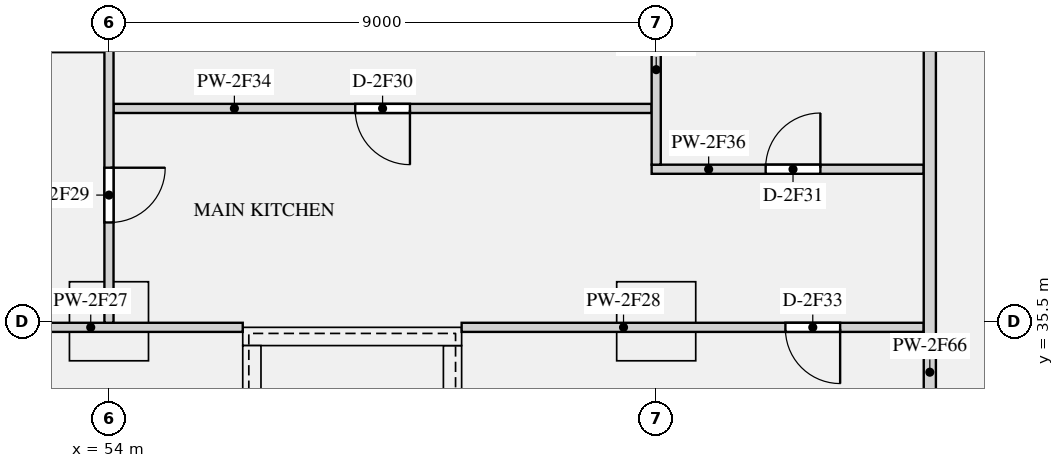
"""IFC4 building model, lengths in metres.
Left out: names, types, materials, properties, quantities, classifications, styles, units other than length and angle.
Written with IfcOpenShell. Run it as: python <this file> out.ifc"""

import sys

from ifc_helpers import new_model, si_unit, direction, frame, frame_2d, origin, origin_2d, place, context, subcontext, project, spatial, rectangle, extrude, element, fill, save


model = new_model("IFC4")
c1 = context("Model", 3, precision=1e-05, world=origin(), true_north=direction((0.0, 1.0)))
c2 = subcontext(c1, "Body", "Model", "MODEL_VIEW")
j1 = project(units=[si_unit("LENGTHUNIT", "METRE"), si_unit("PLANEANGLEUNIT", "RADIAN")], contexts=[c1])
p1 = place(None, origin())
s1 = spatial("IfcSite", under=j1, at=p1, CompositionType="ELEMENT")
p2 = place(p1, origin())
s2 = spatial("IfcBuilding", under=s1, at=p2, CompositionType="ELEMENT")
p3 = place(p2, frame((0.0, 0.0, 127.65)))
s3 = spatial("IfcBuildingStorey", under=s2, at=p3, CompositionType="ELEMENT", Elevation=127.65)
for number, where, z_axis, x_axis in (
    (1, (54.0, 35.5, 0.0), (0.0, 0.0, 1.0), (1.0, 0.0, 0.0)),
    (2, (63.0, 35.5, 0.0), (0.0, 0.0, 1.0), (1.0, 0.0, 0.0)),
):
    element("IfcColumn", number, at=place(p3, frame(where, z_axis=z_axis, x_axis=x_axis)), inside=s3, PredefinedType="COLUMN", context=c2, shape_type="SweptSolid", body=[
        extrude(rectangle(XDim=1.3, YDim=1.3, at=origin_2d()), origin(), (0.0, 0.0, 1.0), 3.15),
    ])
p4 = place(p3, frame((56.2, 35.25, 0.0), z_axis=(0.0, 0.0, 1.0), x_axis=(1.0, 0.0, 0.0)))
e3 = element("IfcWall", 3, at=p4, inside=s3, PredefinedType="SHEAR", context=c2, shape_type="SweptSolid", body=[
    extrude(rectangle(XDim=3.6, YDim=0.3, at=frame_2d((1.8, 0.0))), origin(), (0.0, 0.0, 1.0), 3.15),
])
for number, where, z_axis, x_axis in (
    (4, (56.35, 27.3, 0.0), (0.0, 0.0, 1.0), (0.0, 1.0, 0.0)),
    (5, (59.65, 27.3, 0.0), (0.0, 0.0, 1.0), (0.0, 1.0, 0.0)),
):
    element("IfcWall", number, at=place(p3, frame(where, z_axis=z_axis, x_axis=x_axis)), inside=s3, PredefinedType="SHEAR", context=c2, shape_type="SweptSolid", body=[
        extrude(rectangle(XDim=7.8, YDim=0.3, at=frame_2d((3.9, 0.0))), origin(), (0.0, 0.0, 1.0), 3.15),
    ])
p5 = place(p3, frame((48.1, 35.4, 0.0), z_axis=(0.0, 0.0, 1.0), x_axis=(1.0, 0.0, 0.0)))
e6 = element("IfcWall", 6, at=p5, inside=s3, PredefinedType="PARTITIONING", context=c2, shape_type="SweptSolid", body=[
    extrude(rectangle(XDim=8.1, YDim=0.15, at=frame_2d((4.05, 0.0))), origin(), (0.0, 0.0, 1.0), 2.65),
])
p6 = place(p5, frame((2.2, 0.0, 0.0)))
e7 = element("IfcOpeningElement", 7, at=p6, cuts=e6, PredefinedType="OPENING", context=c2, shape_type="SweptSolid", body=[
    extrude(rectangle(XDim=0.9, YDim=2.1, at=frame_2d((0.45, 1.05))), frame((0.0, 0.085, 0.0), z_axis=(0.0, -1.0, 0.0), x_axis=(1.0, 0.0, 0.0)), (0.0, 0.0, 1.0), 0.17),
])
p7 = place(p3, frame((59.8, 35.4, 0.0), z_axis=(0.0, 0.0, 1.0), x_axis=(1.0, 0.0, 0.0)))
e8 = element("IfcWall", 8, at=p7, inside=s3, PredefinedType="PARTITIONING", context=c2, shape_type="SweptSolid", body=[
    extrude(rectangle(XDim=7.6, YDim=0.15, at=frame_2d((3.8, 0.0))), origin(), (0.0, 0.0, 1.0), 2.65),
])
p8 = place(p7, frame((5.325, 0.0, 0.0)))
e9 = element("IfcOpeningElement", 9, at=p8, cuts=e8, PredefinedType="OPENING", context=c2, shape_type="SweptSolid", body=[
    extrude(rectangle(XDim=0.9, YDim=2.1, at=frame_2d((0.45, 1.05))), frame((0.0, 0.085, 0.0), z_axis=(0.0, -1.0, 0.0), x_axis=(1.0, 0.0, 0.0)), (0.0, 0.0, 1.0), 0.17),
])
p9 = place(p3, frame((54.075, 39.0, 0.0), z_axis=(0.0, 0.0, 1.0), x_axis=(1.0, 0.0, 0.0)))
e10 = element("IfcWall", 10, at=p9, inside=s3, PredefinedType="PARTITIONING", context=c2, shape_type="SweptSolid", body=[
    extrude(rectangle(XDim=8.85, YDim=0.15, at=frame_2d((4.425, 0.0))), origin(), (0.0, 0.0, 1.0), 2.65),
])
p10 = place(p9, frame((3.975, 0.0, 0.0)))
e11 = element("IfcOpeningElement", 11, at=p10, cuts=e10, PredefinedType="OPENING", context=c2, shape_type="SweptSolid", body=[
    extrude(rectangle(XDim=0.9, YDim=2.1, at=frame_2d((0.45, 1.05))), frame((0.0, 0.085, 0.0), z_axis=(0.0, -1.0, 0.0), x_axis=(1.0, 0.0, 0.0)), (0.0, 0.0, 1.0), 0.17),
])
p11 = place(p3, frame((62.925, 38.0, 0.0), z_axis=(0.0, 0.0, 1.0), x_axis=(1.0, 0.0, 0.0)))
e12 = element("IfcWall", 12, at=p11, inside=s3, PredefinedType="PARTITIONING", context=c2, shape_type="SweptSolid", body=[
    extrude(rectangle(XDim=4.475, YDim=0.15, at=frame_2d((2.237, 0.0))), origin(), (0.0, 0.0, 1.0), 2.65),
])
p12 = place(p11, frame((1.875, 0.0, 0.0)))
e13 = element("IfcOpeningElement", 13, at=p12, cuts=e12, PredefinedType="OPENING", context=c2, shape_type="SweptSolid", body=[
    extrude(rectangle(XDim=0.9, YDim=2.1, at=frame_2d((0.45, 1.05))), frame((0.0, 0.085, 0.0), z_axis=(0.0, -1.0, 0.0), x_axis=(1.0, 0.0, 0.0)), (0.0, 0.0, 1.0), 0.17),
])
p13 = place(p3, frame((54.0, 35.475, 0.0), z_axis=(0.0, 0.0, 1.0), x_axis=(0.0, 1.0, 0.0)))
e14 = element("IfcWall", 14, at=p13, inside=s3, PredefinedType="PARTITIONING", context=c2, shape_type="SweptSolid", body=[
    extrude(rectangle(XDim=9.275, YDim=0.15, at=frame_2d((4.637, 0.0))), origin(), (0.0, 0.0, 1.0), 2.65),
])
p14 = place(p13, frame((1.65, 0.0, 0.0)))
e15 = element("IfcOpeningElement", 15, at=p14, cuts=e14, PredefinedType="OPENING", context=c2, shape_type="SweptSolid", body=[
    extrude(rectangle(XDim=0.9, YDim=2.1, at=frame_2d((0.45, 1.05))), frame((0.0, 0.085, 0.0), z_axis=(0.0, -1.0, 0.0), x_axis=(1.0, 0.0, 0.0)), (0.0, 0.0, 1.0), 0.17),
])
p15 = place(p3, frame((63.0, 38.075, 0.0), z_axis=(0.0, 0.0, 1.0), x_axis=(0.0, 1.0, 0.0)))
e16 = element("IfcWall", 16, at=p15, inside=s3, PredefinedType="PARTITIONING", context=c2, shape_type="SweptSolid", body=[
    extrude(rectangle(XDim=6.675, YDim=0.15, at=frame_2d((3.337, 0.0))), origin(), (0.0, 0.0, 1.0), 2.65),
])
p16 = place(p15, frame((3.125, 0.0, 0.0)))
e17 = element("IfcOpeningElement", 17, at=p16, cuts=e16, PredefinedType="OPENING", context=c2, shape_type="SweptSolid", body=[
    extrude(rectangle(XDim=1.5, YDim=2.1, at=frame_2d((0.75, 1.05))), frame((0.0, 0.085, 0.0), z_axis=(0.0, -1.0, 0.0), x_axis=(1.0, 0.0, 0.0)), (0.0, 0.0, 1.0), 0.17),
])
p17 = place(p3, frame((67.5, 24.575, 0.0), z_axis=(0.0, 0.0, 1.0), x_axis=(0.0, 1.0, 0.0)))
e18 = element("IfcWall", 18, at=p17, inside=s3, PredefinedType="PARTITIONING", context=c2, shape_type="SweptSolid", body=[
    extrude(rectangle(XDim=20.175, YDim=0.2, at=frame_2d((10.087, 0.0))), origin(), (0.0, 0.0, 1.0), 2.65),
])
p18 = place(p14, frame((0.9, 0.0, 0.0), z_axis=(0.0, 0.0, 1.0), x_axis=(-1.0, 0.0, 0.0)))
e19 = element("IfcDoor", 19, at=p18, inside=s3, OperationType="SINGLE_SWING_LEFT", PredefinedType="DOOR", context=c2, shape_type="SweptSolid", body=[
    extrude(rectangle(XDim=0.9, YDim=2.1, at=frame_2d((0.45, 1.05))), frame((0.0, 0.025, 0.0), z_axis=(0.0, -1.0, 0.0), x_axis=(1.0, 0.0, 0.0)), (0.0, 0.0, 1.0), 0.05),
])
fill(e15, e19)
p19 = place(p10, frame((0.9, 0.0, 0.0), z_axis=(0.0, 0.0, 1.0), x_axis=(-1.0, 0.0, 0.0)))
e20 = element("IfcDoor", 20, at=p19, inside=s3, OperationType="SINGLE_SWING_LEFT", PredefinedType="DOOR", context=c2, shape_type="SweptSolid", body=[
    extrude(rectangle(XDim=0.9, YDim=2.1, at=frame_2d((0.45, 1.05))), frame((0.0, 0.025, 0.0), z_axis=(0.0, -1.0, 0.0), x_axis=(1.0, 0.0, 0.0)), (0.0, 0.0, 1.0), 0.05),
])
fill(e11, e20)
p20 = place(p12, origin())
e21 = element("IfcDoor", 21, at=p20, inside=s3, OperationType="SINGLE_SWING_RIGHT", PredefinedType="DOOR", context=c2, shape_type="SweptSolid", body=[
    extrude(rectangle(XDim=0.9, YDim=2.1, at=frame_2d((0.45, 1.05))), frame((0.0, 0.025, 0.0), z_axis=(0.0, -1.0, 0.0), x_axis=(1.0, 0.0, 0.0)), (0.0, 0.0, 1.0), 0.05),
])
fill(e13, e21)
p21 = place(p8, frame((0.9, 0.0, 0.0), z_axis=(0.0, 0.0, 1.0), x_axis=(-1.0, 0.0, 0.0)))
e22 = element("IfcDoor", 22, at=p21, inside=s3, OperationType="SINGLE_SWING_LEFT", PredefinedType="DOOR", context=c2, shape_type="SweptSolid", body=[
    extrude(rectangle(XDim=0.9, YDim=2.1, at=frame_2d((0.45, 1.05))), frame((0.0, 0.025, 0.0), z_axis=(0.0, -1.0, 0.0), x_axis=(1.0, 0.0, 0.0)), (0.0, 0.0, 1.0), 0.05),
])
fill(e9, e22)
save(model, sys.argv[1])

++++++

Working from the entries above, filter out every line that lacks "IfcDoor" and copy what remains.

FINISHED TASK
e19 = element("IfcDoor", 19, at=p18, inside=s3, OperationType="SINGLE_SWING_LEFT", PredefinedType="DOOR", context=c2, shape_type="SweptSolid", body=[
e20 = element("IfcDoor", 20, at=p19, inside=s3, OperationType="SINGLE_SWING_LEFT", PredefinedType="DOOR", context=c2, shape_type="SweptSolid", body=[
e21 = element("IfcDoor", 21, at=p20, inside=s3, OperationType="SINGLE_SWING_RIGHT", PredefinedType="DOOR", context=c2, shape_type="SweptSolid", body=[
e22 = element("IfcDoor", 22, at=p21, inside=s3, OperationType="SINGLE_SWING_LEFT", PredefinedType="DOOR", context=c2, shape_type="SweptSolid", body=[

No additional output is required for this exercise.